*THE PROBLEM:* Using the material below, return exactly the lines between the one holding "# Altium project MISC51976-2.PrjPcb" and the one holding "## Sheet MISC51976-3.schdoc", inclusive, and no others.

*EXERCISE MATERIALS:*
= = = = = = =

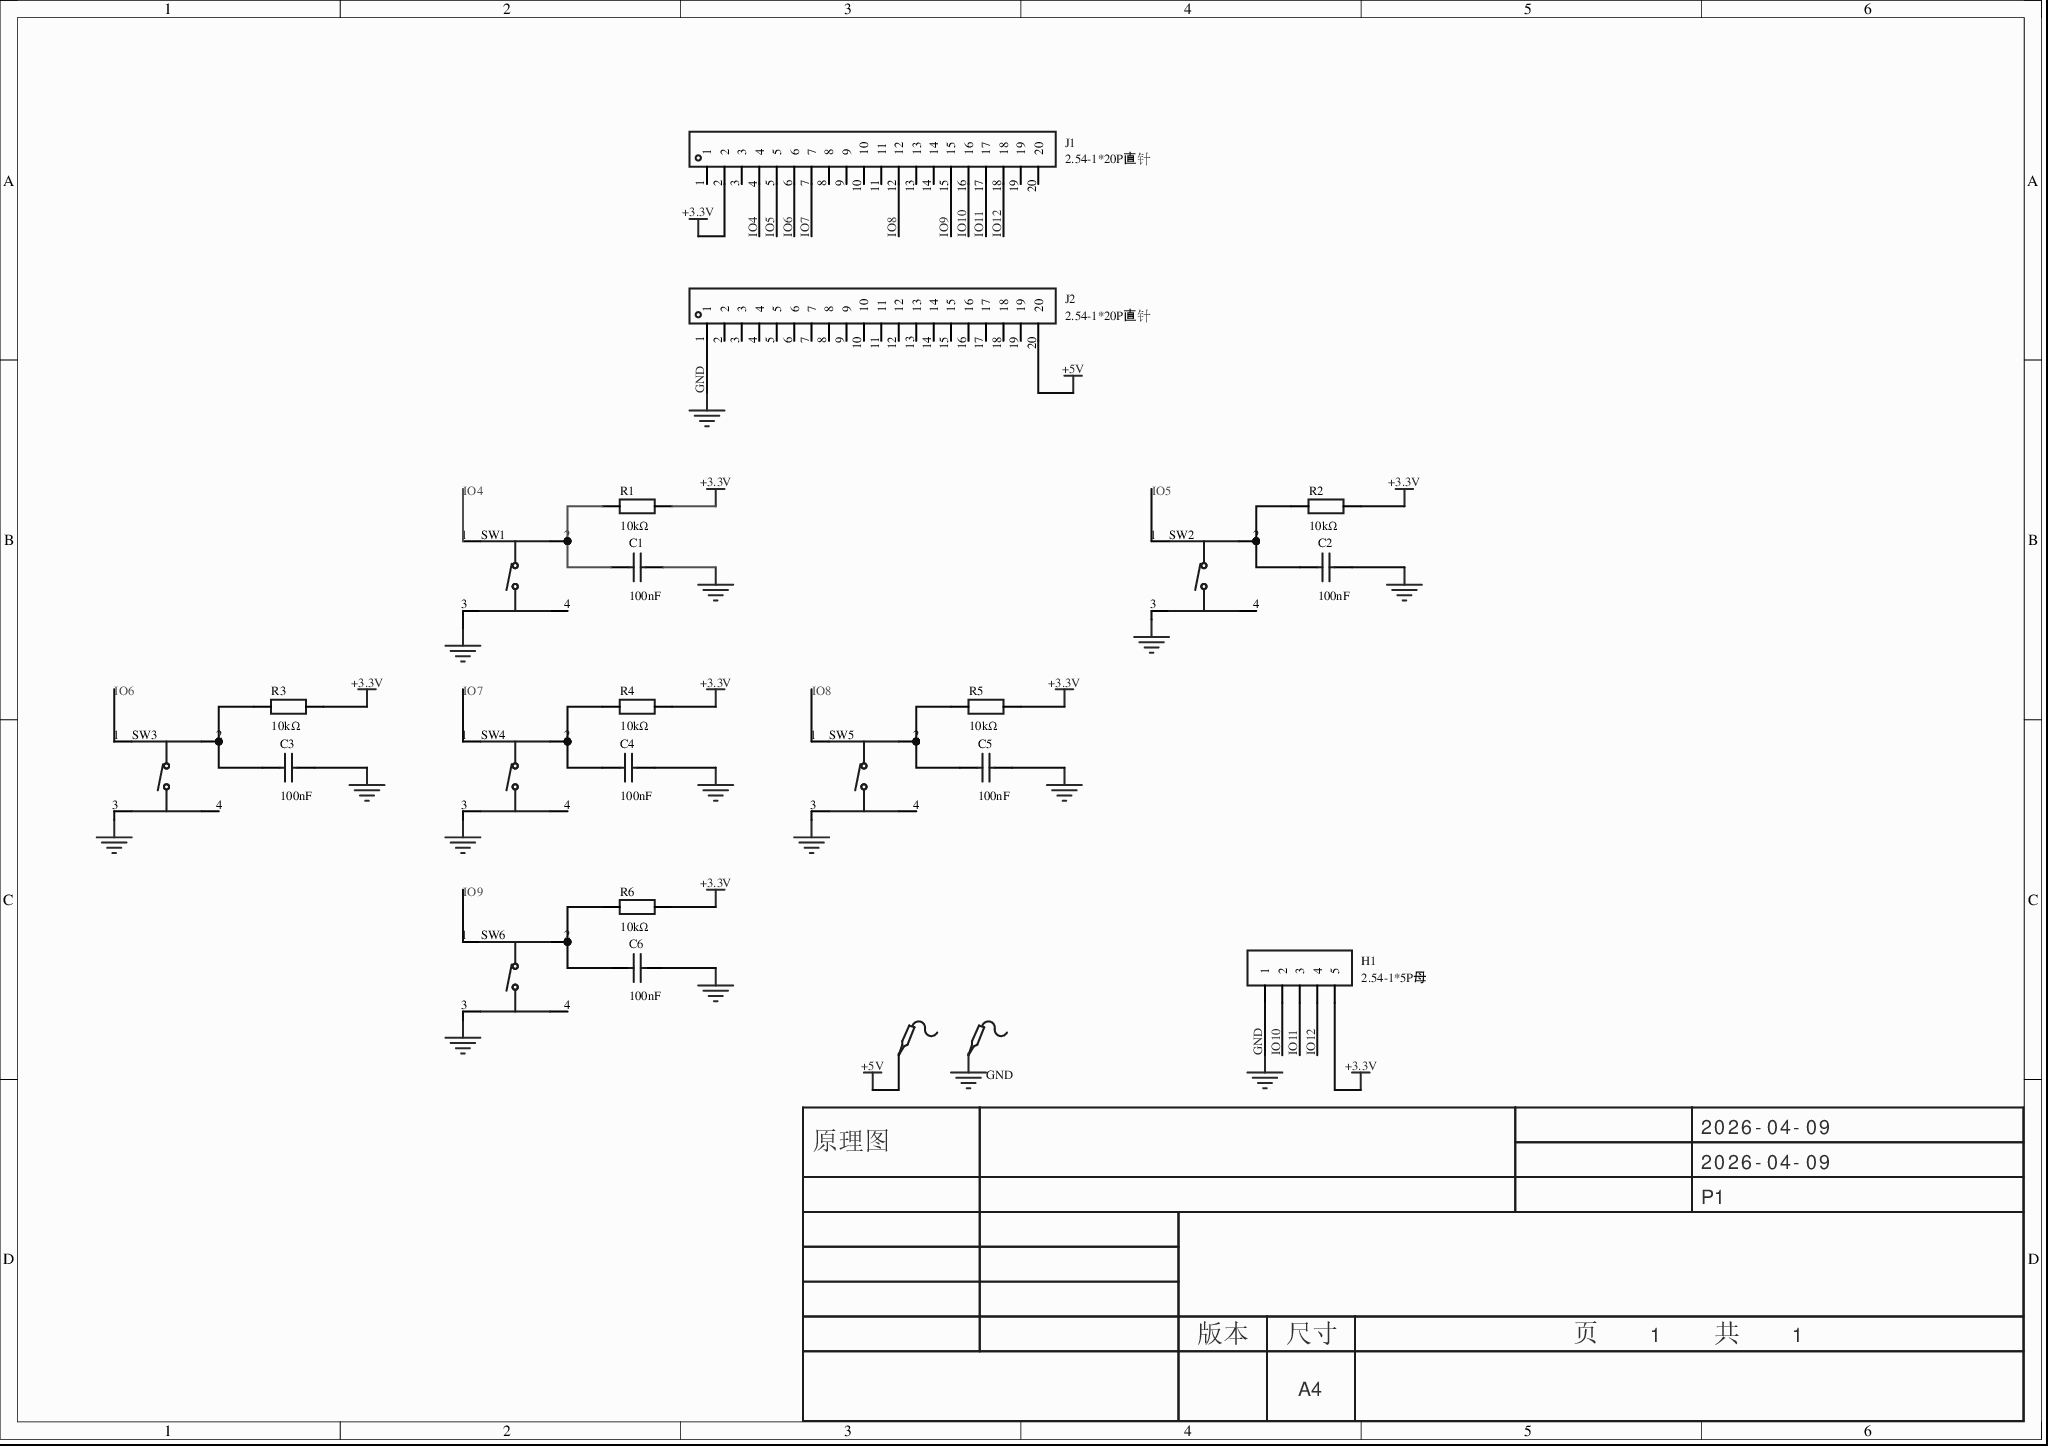
[diagram p0: MISC51976-3.schdoc]
# Altium project MISC51976-2.PrjPcb
1 sheet, 23 parts. Net scope: global (net labels, ports and power ports of the same name join across sheets).
Board file: MISC51976.pcbdoc

## Sheet MISC51976-3.schdoc
size 297 x 209 mm; Version: V1.0; @Project Name: MISC51976; @Update Date: 2026-04-09; @Create Date: 2026-04-09; @Board Name: MISC51976; @Create Time: 09:40:49; @Page Count: 1; @Page No: 1; @Schematic Name: MISC51976; @Update Time: 09:40:49; Size: A4

### Parts
5V  (no value)  [Test-Point-0.5mm]
C1  100nF  [C0805]
C2  100nF  [C0805]
C3  100nF  [C0805]
C4  100nF  [C0805]
C5  100nF  [C0805]
C6  100nF  [C0805]
GND  (no value)  [Test-Point-0.5mm]
H1  2.54-1*5P母  [HDR-TH_5P-P2.54-V-F]
J1  2.54-1*20P直针  [HDR-TH_20P-P2.54-V-M-1]
J2  2.54-1*20P直针  [HDR-TH_20P-P2.54-V-M-1]
R1  10kΩ  [R0805]
R2  10kΩ  [R0805]
R3  10kΩ  [R0805]
R4  10kΩ  [R0805]
R5  10kΩ  [R0805]
R6  10kΩ  [R0805]
SW1  TC-1103-C-K  [KEY-TH_4P-L12.0-W12.0-P5.00-LS12.5]  (value not drawn)
SW2  TC-1103-C-K  [KEY-TH_4P-L12.0-W12.0-P5.00-LS12.5]  (value not drawn)
SW3  TC-1103-C-K  [KEY-TH_4P-L12.0-W12.0-P5.00-LS12.5]  (value not drawn)
SW4  TC-1103-C-K  [KEY-TH_4P-L12.0-W12.0-P5.00-LS12.5]  (value not drawn)
SW5  TC-1103-C-K  [KEY-TH_4P-L12.0-W12.0-P5.00-LS12.5]  (value not drawn)
SW6  TC-1103-C-K  [KEY-TH_4P-L12.0-W12.0-P5.00-LS12.5]  (value not drawn)

### Nets
+3.3V: H1.5 J1.2 R1.2 R2.2 R3.2 R4.2 R5.2 R6.2
+5V: 5V.1 J2.20
GND: C1.2 C2.2 C3.2 C4.2 C5.2 C6.2 GND.1 H1.1 J2.1 SW1.3 SW2.3 SW3.3 SW4.3 SW5.3 SW6.3
IO4: J1.4 SW1.1
IO5: J1.5 SW2.1
IO6: J1.6 SW3.1
IO7: J1.7 SW4.1
IO8: J1.12 SW5.1
IO9: J1.15 SW6.1
IO10: H1.2 J1.16
IO11: H1.3 J1.17
IO12: H1.4 J1.18
NetC1_1: C1.1 R1.1 SW1.2
NetC2_1: C2.1 R2.1 SW2.2
NetC3_1: C3.1 R3.1 SW3.2
NetC4_1: C4.1 R4.1 SW4.2
NetC5_1: C5.1 R5.1 SW5.2
NetC6_1: C6.1 R6.1 SW6.2

Not connected (* = marked no-connect by the designer): J1 1 3 8 9 10 11 13 14 19 20; J2 2 3 4 5 6 7 8 9 10 11 12 13 14 15 16 17 18 19; SW1 4; SW2 4; SW3 4; SW4 4; SW5 4; SW6 4

### Notes on the sheet
- 2026-04-09
- 原理图
- P1
- 版本
- 尺寸
- A4
- 页    1    共    1

### Library data of the parts
5V GND = Test-Point: Check: false; AddInBom: yes; Symbol: Test-Point; Device: Test-Point; ConvertToPcb: yes; FootprintName: Test-Point-0.5mm; Description: Test-Point
C1-C6 = CC0805KKX7R0BB104: 容值:100nF;精度:±10%;额定电压:100V;材质(温度系数):X7R;; Manufacturer: YAGEO(国巨); Add into BOM: yes; 3D Model: 1ba041120af144c991958decab20d241; 3D Model Transform: 78.74,51.181,0,0,0,0,0,0.0005,0; Tolerance: ±10%; Temperature Coefficient: X7R; Voltage Rated: 100V; ModelName: C0805_L2.0-W1.3-H1.3; Symbol: CC0805KKX7R0BB104; Device: CC0805KKX7R0BB104; Convert to PCB: yes; LCSC Part Name: 100nF ±10% 100V; Supplier Part: C106243; Manufacturer Part: CC0805KKX7R0BB104; Supplier Footprint: 0805; JLCPCB Part Class: Extended Part; Datasheet: https://atta.szlcsc.com/upload/public/pdf/source/20170505/1493951378248.pdf; Supplier: LCSC; Value: 100nF; FootprintName: C0805
H1 = 2.54-1*5P母: 间距:2.54mm;总孔位数:5;排数:1;插孔结构:1x5P;行距:-;安装类型:直插;塑高:-;触头材质:-;触头镀层:-;; Manufacturer: BOOMELE(博穆精密); Symbol: Header-Female-2.54_1x5; AddInBom: yes; ModelId: fbeffe0d3b4a40f6888dab4bd9d4db880819f05c4eef4c71ace90d822a990e87; ModelName: HDR2.54-F-LI-1X5P; ModelTransform: 499.999,100,0,0,0,0,0,0,-118.11; Pitch: 2.54mm; Number of Holes: 5; Holes Structure: 1x5P; Device: 2.54-1*5P母; Supplier: LCSC; Manufacturer Part: 2.54-1*5P母; Supplier Part: C50950; JLCPCB Part Class: Extended Part; LCSC Part Name: 2.54mm 1x5P; Supplier Footprint: 直插,P=2.54mm; Datasheet: https://atta.szlcsc.com/upload/public/pdf/source/20151109/1457707571406.pdf; ConvertToPcb: yes; FootprintName: HDR-TH_5P-P2.54-V-F; Number of Rows: 1; Row Spacing: -; Mounting Type: 直插; Insulation Height: -; Contact Material: -; Contact Plating: -
J1 = 2.54-1*20P直针: 间距:2.54mm;总PIN位数:20;排数:1;插针结构:1x20P;行距:-;安装类型:直插;圆针/方针:方针;额定电流:3A;额定电压:-;配合针长度:-;塑高:-;端接针长度:-;触头材质:黄铜;触头镀层:-;工作温度范围:-40℃~+105℃;颜色:黑色;; Manufacturer: BOOMELE(博穆精密); Symbol: Header-Male-2.54_1x20; AddInBom: yes; ModelId: f68709be121d406db68b06f32a5953890819f05c4eef4c71ace90d822a990e87; ModelName: HDR-M-2.54_1x20; ModelTransform: 2000,100,0,0,0,0,0,2.5,-118.1; Pitch: 2.54mm; Pin Structure: 1x20P; Circluar Pins/Square Pins: 方针; Current Rating (Max): 3A; Device: 2.54-1*20P直针; LCSC Part Name: 2.54mm 1x20P 直插 方针; SupplierPart: C50981; ManufacturerPart: 2.54-1*20P直针; Supplier Footprint: 插件,P=2.54mm; JLCPCB Part Class: Extended Part; Datasheet: https://atta.szlcsc.com/upload/public/pdf/source/20151109/1457707571495.pdf; Supplier: LCSC; ConvertToPcb: yes; FootprintName: HDR-TH_20P-P2.54-V-M-1; Number of Pins: 20; Number of Rows: 1; Row Spacing: -; Mounting Type: 直插; Voltage Rating (Max): -; Length of Mating Pin: -; Insulation Height: -; Length of End Connection Pin: -; Contact Material: 黄铜; Contact Plating: -; Operating Temperature Range: -40℃~+105℃; Color: 黑色
J2 = 2.54-1*20P直针: 间距:2.54mm;总PIN位数:20;排数:1;插针结构:1x20P;行距:-;安装类型:直插;圆针/方针:方针;额定电流:3A;额定电压:-;配合针长度:-;塑高:-;端接针长度:-;触头材质:黄铜;触头镀层:-;工作温度范围:-40℃~+105℃;颜色:黑色;; Manufacturer: BOOMELE(博穆精密); Symbol: Header-Male-2.54_1x20; 3D Model: f68709be121d406db68b06f32a5953890819f05c4eef4c71ace90d822a990e87; 3D Model Transform: 2000,100,0,0,0,0,0,2.5,-118.1; Pitch: 2.54mm; Pin Structure: 1x20P; Circluar Pins/Square Pins: 方针; Current Rating (Max): 3A; AddInBom: yes; ModelName: HDR-M-2.54_1x20; Device: 2.54-1*20P直针; LCSC Part Name: 2.54mm 1x20P 直插 方针; Supplier Part: C50981; Manufacturer Part: 2.54-1*20P直针; Supplier Footprint: 插件,P=2.54mm; JLCPCB Part Class: Extended Part; Datasheet: https://atta.szlcsc.com/upload/public/pdf/source/20151109/1457707571495.pdf; Supplier: LCSC; Number of Pins: 20; Number of Rows: 1; Row Spacing: -; Mounting Type: 直插; Voltage Rating (Max): -; Length of Mating Pin: -; Insulation Height: -; Length of End Connection Pin: -; Contact Material: 黄铜; Contact Plating: -; Operating Temperature Range: -40℃~+105℃; Color: 黑色; ConvertToPcb: yes; FootprintName: HDR-TH_20P-P2.54-V-M-1
R1-R6 = CR0805J80103G: 电阻类型:厚膜电阻;阻值:10kΩ;精度:±5%;功率:125mW;温度系数:±200ppm/℃;最大工作电压:150V;工作温度范围:-55℃~+125℃;; Manufacturer: LIZ(丽智电子); Add into BOM: yes; 3D Model: 37a81e68749a4138bd2dfa6897b24b85; 3D Model Transform: 78.74,51.181,0,0,0,0,0,-0.0005,0; Tolerance: ±5%; Power(Watts): 125mW; Overload Voltage (Max): 150V; ModelName: R0805_L2.0-W1.3-H0.6; Symbol: CR0805J80103G; Device: CR0805J80103G; Convert to PCB: yes; LCSC Part Name: 10kΩ ±5% 125mW; Supplier Part: C101926; Manufacturer Part: CR0805J80103G; Supplier Footprint: 0805; JLCPCB Part Class: Extended Part; Datasheet: https://atta.szlcsc.com/upload/public/pdf/source/20170408/1491635765379.pdf; Supplier: LCSC; Type: 厚膜电阻; Value: 10kΩ; Temperature Coefficient: ±200ppm/℃; Operating Temperature Range: -55℃~+125℃; FootprintName: R0805
SW1-SW6 = TC-1103-C-K: 触点电流:50mA;额定电压(DC):12V;绝缘电阻:100mΩ;电路结构:单刀单掷;安装方式:直插;按钮形状:圆形按钮;按钮/盖帽颜色:黑色;带灯:无;作用力:260gf;机械寿命:100000;工作温度:-30℃~+85℃;引脚样式:PC引脚;开关长度:12mm;开关宽度:12mm;开关高度:9mm;带支架:否;; Manufacturer: XKB Connectivity(中国星坤); Add into BOM: yes; 3D Model: 58bd23e2e6df4c6ea4917606aab27058; 3D Model Transform: 543,472.4,0,0,0,0,0,0,-137.8; Contact Current: 50mA; Voltage Rating (DC): 12V; Insulation Resistance: 100mΩ; Circuit: 单刀单掷; Actuator Style: 圆形按钮; Actuator/Cap Color: 黑色; With Lamp: 无; Operating Force: 260gf; Mechanical Life: 100000; Pin Style: PC引脚; Switch Length: 12mm; Switch Height: 9mm; Strike Gundam: 否; Symbol: TC-1103-C-K; Device: TC-1103-C-K; Convert to PCB: yes; Supplier Part: C318972; Supplier Footprint: 插件; LCSC Part Name: 12*12*9.0 圆柱 250gf; Manufacturer Part: TC-1103-C-K; JLCPCB Part Class: Extended Part; Datasheet: https://atta.szlcsc.com/upload/public/pdf/source/20211011/68D1180622A7471600864EE2962EC968.pdf; Supplier: LCSC; Mounting Style: 直插; Operating Temperature: -30℃~+85℃; Switch Width: 12mm; FootprintName: KEY-TH_4P-L12.0-W12.0-P5.00-LS12.5; ModelName: KEY-TH_4P-L12.0-W12.0-P5.00-LS12.5

= = = = = = =

*RESPONSE AREA:*
# Altium project MISC51976-2.PrjPcb
1 sheet, 23 parts. Net scope: global (net labels, ports and power ports of the same name join across sheets).
Board file: MISC51976.pcbdoc

## Sheet MISC51976-3.schdoc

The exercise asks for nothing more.